PROBLEM TO WORK ON: Copy each line of the records that holds the string "Locations".

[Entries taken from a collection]
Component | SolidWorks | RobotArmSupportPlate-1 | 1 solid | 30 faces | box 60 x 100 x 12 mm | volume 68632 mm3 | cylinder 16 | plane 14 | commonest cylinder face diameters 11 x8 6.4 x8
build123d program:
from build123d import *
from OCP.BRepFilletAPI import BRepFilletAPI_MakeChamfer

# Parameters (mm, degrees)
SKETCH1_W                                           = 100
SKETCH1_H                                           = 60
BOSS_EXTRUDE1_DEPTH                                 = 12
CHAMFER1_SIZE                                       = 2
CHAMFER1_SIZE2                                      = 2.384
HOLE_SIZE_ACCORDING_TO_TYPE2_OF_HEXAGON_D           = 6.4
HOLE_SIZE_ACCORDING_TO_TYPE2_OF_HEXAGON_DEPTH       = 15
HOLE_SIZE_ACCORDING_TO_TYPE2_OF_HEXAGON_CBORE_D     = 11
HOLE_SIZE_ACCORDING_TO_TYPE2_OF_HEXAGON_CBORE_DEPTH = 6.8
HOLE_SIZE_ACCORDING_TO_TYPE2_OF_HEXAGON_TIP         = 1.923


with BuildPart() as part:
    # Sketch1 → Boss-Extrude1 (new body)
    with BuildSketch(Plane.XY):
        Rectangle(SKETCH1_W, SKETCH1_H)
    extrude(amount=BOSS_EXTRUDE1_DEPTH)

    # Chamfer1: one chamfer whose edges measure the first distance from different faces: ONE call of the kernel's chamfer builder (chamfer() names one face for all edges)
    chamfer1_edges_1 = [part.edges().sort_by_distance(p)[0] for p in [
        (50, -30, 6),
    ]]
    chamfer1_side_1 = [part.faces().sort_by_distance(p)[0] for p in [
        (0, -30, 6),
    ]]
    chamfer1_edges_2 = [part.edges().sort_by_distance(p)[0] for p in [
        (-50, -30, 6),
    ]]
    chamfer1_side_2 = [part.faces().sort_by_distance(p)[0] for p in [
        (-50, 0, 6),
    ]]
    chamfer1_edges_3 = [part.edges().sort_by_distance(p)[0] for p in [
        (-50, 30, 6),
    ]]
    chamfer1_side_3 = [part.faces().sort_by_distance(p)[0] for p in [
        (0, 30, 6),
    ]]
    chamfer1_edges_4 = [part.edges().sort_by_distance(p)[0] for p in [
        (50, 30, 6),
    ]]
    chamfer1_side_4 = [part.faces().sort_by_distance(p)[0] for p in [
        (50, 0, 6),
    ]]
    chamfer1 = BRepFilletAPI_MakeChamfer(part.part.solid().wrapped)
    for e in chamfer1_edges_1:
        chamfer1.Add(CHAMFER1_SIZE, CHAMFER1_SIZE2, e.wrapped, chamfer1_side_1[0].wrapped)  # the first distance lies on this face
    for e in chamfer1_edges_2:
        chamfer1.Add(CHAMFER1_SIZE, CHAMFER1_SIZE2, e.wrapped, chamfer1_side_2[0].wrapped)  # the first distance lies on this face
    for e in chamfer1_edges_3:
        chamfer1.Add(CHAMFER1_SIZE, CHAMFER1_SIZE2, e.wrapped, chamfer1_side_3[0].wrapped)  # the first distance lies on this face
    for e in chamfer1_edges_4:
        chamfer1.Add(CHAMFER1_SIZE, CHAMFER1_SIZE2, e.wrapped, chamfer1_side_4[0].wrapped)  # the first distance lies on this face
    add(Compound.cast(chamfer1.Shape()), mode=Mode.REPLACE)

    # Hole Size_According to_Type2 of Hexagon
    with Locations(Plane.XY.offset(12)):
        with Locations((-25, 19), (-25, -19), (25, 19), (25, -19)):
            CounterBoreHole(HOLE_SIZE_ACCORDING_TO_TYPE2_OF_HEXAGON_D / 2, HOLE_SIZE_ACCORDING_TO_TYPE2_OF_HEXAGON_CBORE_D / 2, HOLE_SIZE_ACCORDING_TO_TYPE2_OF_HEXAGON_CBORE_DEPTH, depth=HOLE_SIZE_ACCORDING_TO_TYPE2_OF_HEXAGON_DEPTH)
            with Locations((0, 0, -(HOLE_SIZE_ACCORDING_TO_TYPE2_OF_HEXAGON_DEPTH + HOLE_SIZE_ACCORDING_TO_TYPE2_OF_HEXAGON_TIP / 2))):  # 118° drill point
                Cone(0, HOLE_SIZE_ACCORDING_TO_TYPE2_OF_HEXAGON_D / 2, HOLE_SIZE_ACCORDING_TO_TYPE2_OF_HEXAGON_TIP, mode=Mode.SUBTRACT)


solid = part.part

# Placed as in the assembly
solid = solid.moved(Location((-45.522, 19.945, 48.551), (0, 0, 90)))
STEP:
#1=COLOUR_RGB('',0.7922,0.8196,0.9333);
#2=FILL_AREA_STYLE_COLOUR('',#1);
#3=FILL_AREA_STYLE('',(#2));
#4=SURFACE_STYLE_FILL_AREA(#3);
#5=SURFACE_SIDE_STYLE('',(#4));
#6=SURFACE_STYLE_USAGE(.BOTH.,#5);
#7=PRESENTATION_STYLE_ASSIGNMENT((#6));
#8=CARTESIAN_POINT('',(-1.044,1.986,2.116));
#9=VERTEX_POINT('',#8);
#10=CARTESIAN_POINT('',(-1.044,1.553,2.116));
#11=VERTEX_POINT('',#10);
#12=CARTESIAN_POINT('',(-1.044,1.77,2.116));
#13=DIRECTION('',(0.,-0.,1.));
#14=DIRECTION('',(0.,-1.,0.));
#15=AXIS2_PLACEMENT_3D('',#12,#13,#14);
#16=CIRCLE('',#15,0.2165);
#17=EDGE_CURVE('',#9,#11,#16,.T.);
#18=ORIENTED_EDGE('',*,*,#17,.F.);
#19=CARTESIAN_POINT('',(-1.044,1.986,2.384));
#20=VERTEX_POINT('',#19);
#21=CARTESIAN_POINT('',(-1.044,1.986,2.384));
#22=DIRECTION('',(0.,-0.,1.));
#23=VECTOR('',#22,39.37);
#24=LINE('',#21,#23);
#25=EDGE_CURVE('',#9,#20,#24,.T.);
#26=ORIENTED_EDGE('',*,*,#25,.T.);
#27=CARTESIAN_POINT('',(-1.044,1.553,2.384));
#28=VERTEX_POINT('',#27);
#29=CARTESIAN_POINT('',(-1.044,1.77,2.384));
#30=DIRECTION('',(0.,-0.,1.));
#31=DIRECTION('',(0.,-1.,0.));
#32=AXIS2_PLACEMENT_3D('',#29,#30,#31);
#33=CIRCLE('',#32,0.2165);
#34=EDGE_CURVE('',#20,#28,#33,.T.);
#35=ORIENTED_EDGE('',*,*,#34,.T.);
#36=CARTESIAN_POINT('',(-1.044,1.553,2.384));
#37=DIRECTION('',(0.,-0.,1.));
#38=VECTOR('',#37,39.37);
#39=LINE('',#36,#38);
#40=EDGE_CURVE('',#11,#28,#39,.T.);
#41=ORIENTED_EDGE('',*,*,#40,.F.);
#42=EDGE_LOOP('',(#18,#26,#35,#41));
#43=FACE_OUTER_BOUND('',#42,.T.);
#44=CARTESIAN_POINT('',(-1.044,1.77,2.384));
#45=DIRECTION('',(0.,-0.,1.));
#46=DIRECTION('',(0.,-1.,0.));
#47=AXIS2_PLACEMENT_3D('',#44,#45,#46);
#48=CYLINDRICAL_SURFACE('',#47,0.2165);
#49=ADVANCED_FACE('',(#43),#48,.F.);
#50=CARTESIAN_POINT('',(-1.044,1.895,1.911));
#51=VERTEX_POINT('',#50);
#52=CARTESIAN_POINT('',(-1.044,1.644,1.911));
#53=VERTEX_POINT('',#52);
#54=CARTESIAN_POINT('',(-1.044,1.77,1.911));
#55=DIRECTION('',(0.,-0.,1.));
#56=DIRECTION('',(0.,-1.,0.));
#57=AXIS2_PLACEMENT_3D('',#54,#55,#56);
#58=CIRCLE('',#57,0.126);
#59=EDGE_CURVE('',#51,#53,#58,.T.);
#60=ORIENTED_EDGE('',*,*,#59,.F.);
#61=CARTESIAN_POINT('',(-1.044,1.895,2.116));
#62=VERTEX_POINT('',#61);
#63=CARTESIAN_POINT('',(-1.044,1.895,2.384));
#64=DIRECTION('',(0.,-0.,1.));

SOLUTION FOR THIS TASK:
    with Locations(Plane.XY.offset(12)):
        with Locations((-25, 19), (-25, -19), (25, 19), (25, -19)):
            with Locations((0, 0, -(HOLE_SIZE_ACCORDING_TO_TYPE2_OF_HEXAGON_DEPTH + HOLE_SIZE_ACCORDING_TO_TYPE2_OF_HEXAGON_TIP / 2))):  # 118° drill point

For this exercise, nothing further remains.